• WHAT YOU ARE ASKED TO DO:
What is the number of lines in the data that hold the string "color"? Reply with that number only.

• Items listed in a dataset:
+---+

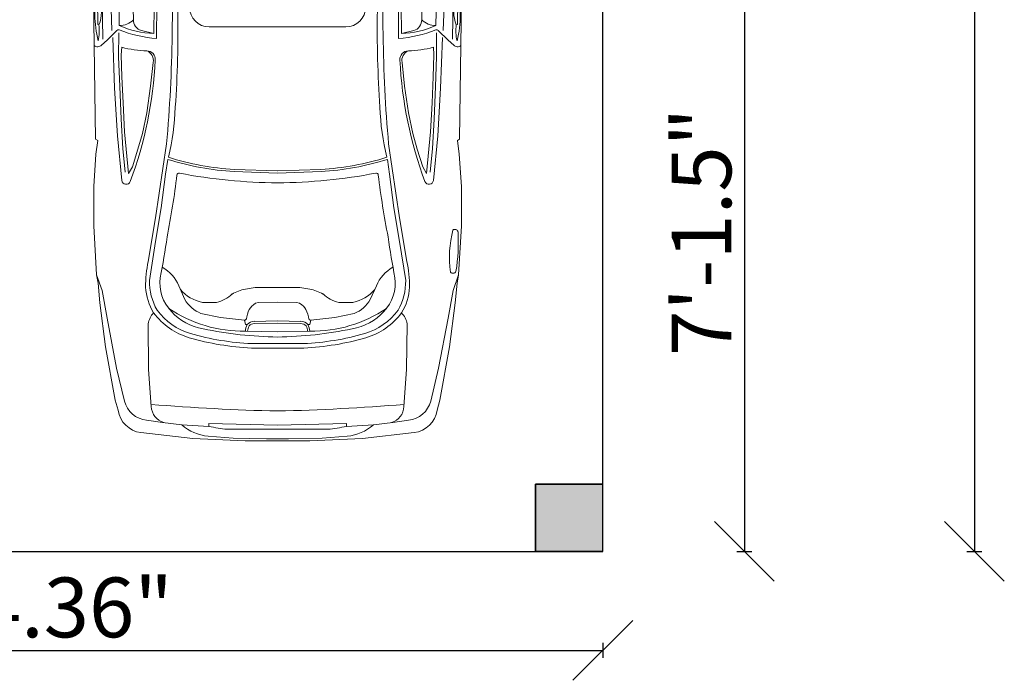
# Model space of a CAD drawing. Units: inches. Extents: x 2561 to 3163, y 493 to 1211.
# Tile 4 of 8: x 3031 to 3163, y 512 to 600. Entities that reach past the tile are written whole.
import ezdxf

# ---------------------------------------------------------------- set-up
doc = ezdxf.new("R2010")
doc.units = ezdxf.units.IN
for name, color, linetype, lineweight in [('0_Equip', 250, 'Continuous', 13), ('A-ANNO-DIMS', 2, 'Continuous', 18), ('A-COLS', 7, 'Continuous', 35), ('A-COLS-PATT', 24, 'Continuous', 13), ('A-SITE-PRKG', 8, 'Continuous', 25)]:
    doc.layers.add(name, color=color, linetype=linetype, lineweight=lineweight)
doc.styles.get("Standard").update_dxf_attribs({"font": 'arial.ttf'})
doc.dimstyles.new('ISO-25', dxfattribs={"dimtxt": 8, "dimasz": 8, "dimexe": 1, "dimexo": 1, "dimtad": 1, "dimlunit": 3, "dimtxsty": 'Standard', "dimblk": 'OBLIQUE', "dimcen": 2.5, "dimadec": 0, "dimazin": 0, "dimtfac": 1, "dimtmove": 0, "dimatfit": 3, "dimfxl": 1, "dimfxlon": 1, "dimarcsym": 0})

# ---------------------------------------------------------------- blocks, each defined once
blk = doc.blocks.new('A$C4C7B54D1')
at = {"layer": '0_Equip', "ltscale": 0.1}
for p, q in [((-1.0176, 2.6505), (-1.112, 2.6343)), ((-0.8531, 2.6707), (-1.0176, 2.6505)), ((-0.7257, 2.678), (-0.8531, 2.6707)), ((-0.7257, 2.678), (-0.5983, 2.6707)), ((-0.5983, 2.6707), (-0.4338, 2.6505)), ((-0.4338, 2.6505), (-0.3394, 2.6343)), ((-1.2037, 2.6168), (-1.3142, 2.5898)), ((-1.1673, 2.6045), (-1.2824, 2.5829)), ((-1.112, 2.6343), (-1.2037, 2.6168)), ((-1.0138, 2.6343), (-1.1673, 2.6045)), ((-0.8877, 2.6027), (-0.9812, 2.5937)), ((-0.8072, 2.6112), (-0.8877, 2.6027)), ((-0.7257, 2.6157), (-0.8072, 2.6112)), ((-0.7257, 2.6157), (-0.6441, 2.6112)), ((-0.6441, 2.6112), (-0.5636, 2.6027)), ((-0.5636, 2.6027), (-0.4701, 2.5937)), ((-0.4376, 2.6343), (-0.284, 2.6045)), ((-0.3394, 2.6343), (-0.2477, 2.6168)), ((-0.284, 2.6045), (-0.1689, 2.5829)), ((-0.2477, 2.6168), (-0.1371, 2.5898)), ((-1.4032, 2.5628), (-1.4801, 2.5318)), ((-1.3789, 2.557), (-1.4667, 2.5181)), ((-1.3142, 2.5898), (-1.4032, 2.5628)), ((-1.2824, 2.5829), (-1.3789, 2.557)), ((-0.1689, 2.5829), (-0.0725, 2.557)), ((-0.1371, 2.5898), (-0.0481, 2.5628)), ((-0.0725, 2.557), (0.0153, 2.5181)), ((-0.0481, 2.5628), (0.0288, 2.5318)), ((-1.4667, 2.5181), (-1.5113, 2.4907)), ((-1.1083, 2.5037), (-1.1486, 2.3827)), ((-0.343, 2.5037), (-0.3027, 2.3827)), ((0.0153, 2.5181), (0.06, 2.4907)), ((-1.5113, 2.4907), (-1.5393, 2.4562)), ((0.06, 2.4907), (0.0879, 2.4562)), ((-1.5353, 2.3701), (-1.5529, 2.308)), ((-1.1486, 2.3827), (-1.1961, 2.1797)), ((-0.3027, 2.3827), (-0.2552, 2.1797)), ((0.084, 2.3701), (0.1016, 2.308)), ((-1.435, 2.1869), (-1.4221, 2.3511)), ((-0.0163, 2.1869), (-0.0293, 2.3511)), ((-1.5529, 2.308), (-1.5677, 2.2486)), ((0.1016, 2.308), (0.1164, 2.2486)), ((-1.5677, 2.2486), (-1.5849, 2.1795)), ((0.1164, 2.2486), (0.1336, 2.1795)), ((-1.597, 2.1976), (-1.615, 2.1169)), ((-1.6012, 2.2082), (-1.597, 2.1976)), ((-1.5849, 2.1795), (-1.5997, 2.1304)), ((-1.4537, 1.863), (-1.435, 2.1869)), ((-1.1961, 2.1797), (-1.2349, 1.9911)), ((-0.2552, 2.1797), (-0.2164, 1.9911)), ((0.0024, 1.863), (-0.0163, 2.1869)), ((0.1336, 2.1795), (0.1484, 2.1304)), ((0.1499, 2.2082), (0.1457, 2.1976)), ((0.1457, 2.1976), (0.1637, 2.1169)), ((-1.5997, 2.1304), (-1.6161, 2.0798)), ((0.1484, 2.1304), (0.1647, 2.0798)), ((-1.615, 2.1169), (-1.6235, 1.8165)), ((0.1637, 2.1169), (0.1722, 1.8165)), ((-1.2349, 1.9911), (-1.2767, 1.8097)), ((-0.2164, 1.9911), (-0.1746, 1.8097)), ((-1.566, 1.8774), (-1.5761, 1.5304)), ((-1.4681, 1.48), (-1.4537, 1.863)), ((0.0168, 1.48), (0.0024, 1.863)), ((0.1147, 1.8774), (0.1247, 1.5304)), ((-1.6235, 1.8165), (-1.6256, 1.5098)), ((-1.2767, 1.8097), (-1.3098, 1.588)), ((-0.1746, 1.8097), (-0.1415, 1.588)), ((0.1722, 1.8165), (0.1743, 1.5098)), ((-1.3098, 1.588), (-1.3443, 1.3187)), ((-0.1415, 1.588), (-0.107, 1.3187)), ((-1.6256, 1.5098), (-1.6129, 1.3846)), ((-1.5761, 1.5304), (-1.5789, 1.1834)), ((0.1247, 1.5304), (0.1276, 1.1834)), ((0.1743, 1.5098), (0.1616, 1.3846)), ((-1.461, 1.1868), (-1.4681, 1.48)), ((-0.955, 1.4459), (-0.955, 1.4827)), ((-0.955, 1.4827), (-0.9321, 1.4827)), ((-0.9321, 1.4827), (-0.9321, 1.4459)), ((-0.5192, 1.4827), (-0.5192, 1.4459)), ((-0.4964, 1.4827), (-0.5192, 1.4827)), ((-0.4964, 1.4459), (-0.4964, 1.4827)), ((0.0097, 1.1868), (0.0168, 1.48)), ((-0.9321, 1.4459), (-0.955, 1.4459)), ((-0.8614, 1.4242), (-0.8603, 1.382)), ((-0.6135, 1.4258), (-0.6012, 1.3814)), ((-0.5809, 1.3459), (-0.5793, 1.4233)), ((-0.5192, 1.4459), (-0.4964, 1.4459)), ((-1.6193, 1.3782), (-1.6252, 0.9375)), ((-1.6129, 1.3846), (-1.6193, 1.3782)), ((-0.8878, 1.3764), (-1.0456, 1.313)), ((-0.7861, 1.3973), (-0.8878, 1.3764)), ((0.1616, 1.3846), (0.1679, 1.3782)), ((0.1679, 1.3782), (0.1739, 0.9375)), ((-0.9361, 1.3119), (-0.8835, 1.3269)), ((-0.8835, 1.3269), (-0.7975, 1.3408)), ((-1.0456, 1.313), (-1.4462, 1.1776)), ((-1.2207, 1.2292), (-1.0263, 1.2883)), ((-1.0263, 1.2883), (-0.9361, 1.3119)), ((-1.4366, 1.1604), (-1.2207, 1.2292)), ((-1.4565, 1.1447), (-1.461, 1.1868)), ((-1.3162, 1.2215), (-1.3088, 1.2011)), ((-1.1723, 1.1976), (-1.2762, 1.1716)), ((-1.0667, 1.22), (-1.1723, 1.1976)), ((-0.3847, 1.22), (-0.279, 1.1976)), ((-0.279, 1.1976), (-0.1751, 1.1716)), ((0.0052, 1.1447), (0.0097, 1.1868)), ((-1.5793, 1.1562), (-1.5793, 0.9761)), ((-1.5552, 1.139), (-1.5552, 0.9693)), ((-1.4503, 1.1151), (-1.4565, 1.1447)), ((-1.4462, 1.1776), (-1.4366, 1.1604)), ((-1.3515, 1.142), (-1.3703, 1.1286)), ((-1.2762, 1.1716), (-1.3515, 1.142)), ((-0.7257, 1.1776), (-0.8858, 1.1725)), ((-0.7257, 1.1776), (-0.5655, 1.1725)), ((-0.1751, 1.1716), (-0.0999, 1.142)), ((-0.0999, 1.142), (-0.0811, 1.1286)), ((-0.0011, 1.1151), (0.0052, 1.1447)), ((0.1038, 1.139), (0.1038, 0.9693)), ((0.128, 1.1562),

+---+

• WRITTEN ANSWER:
2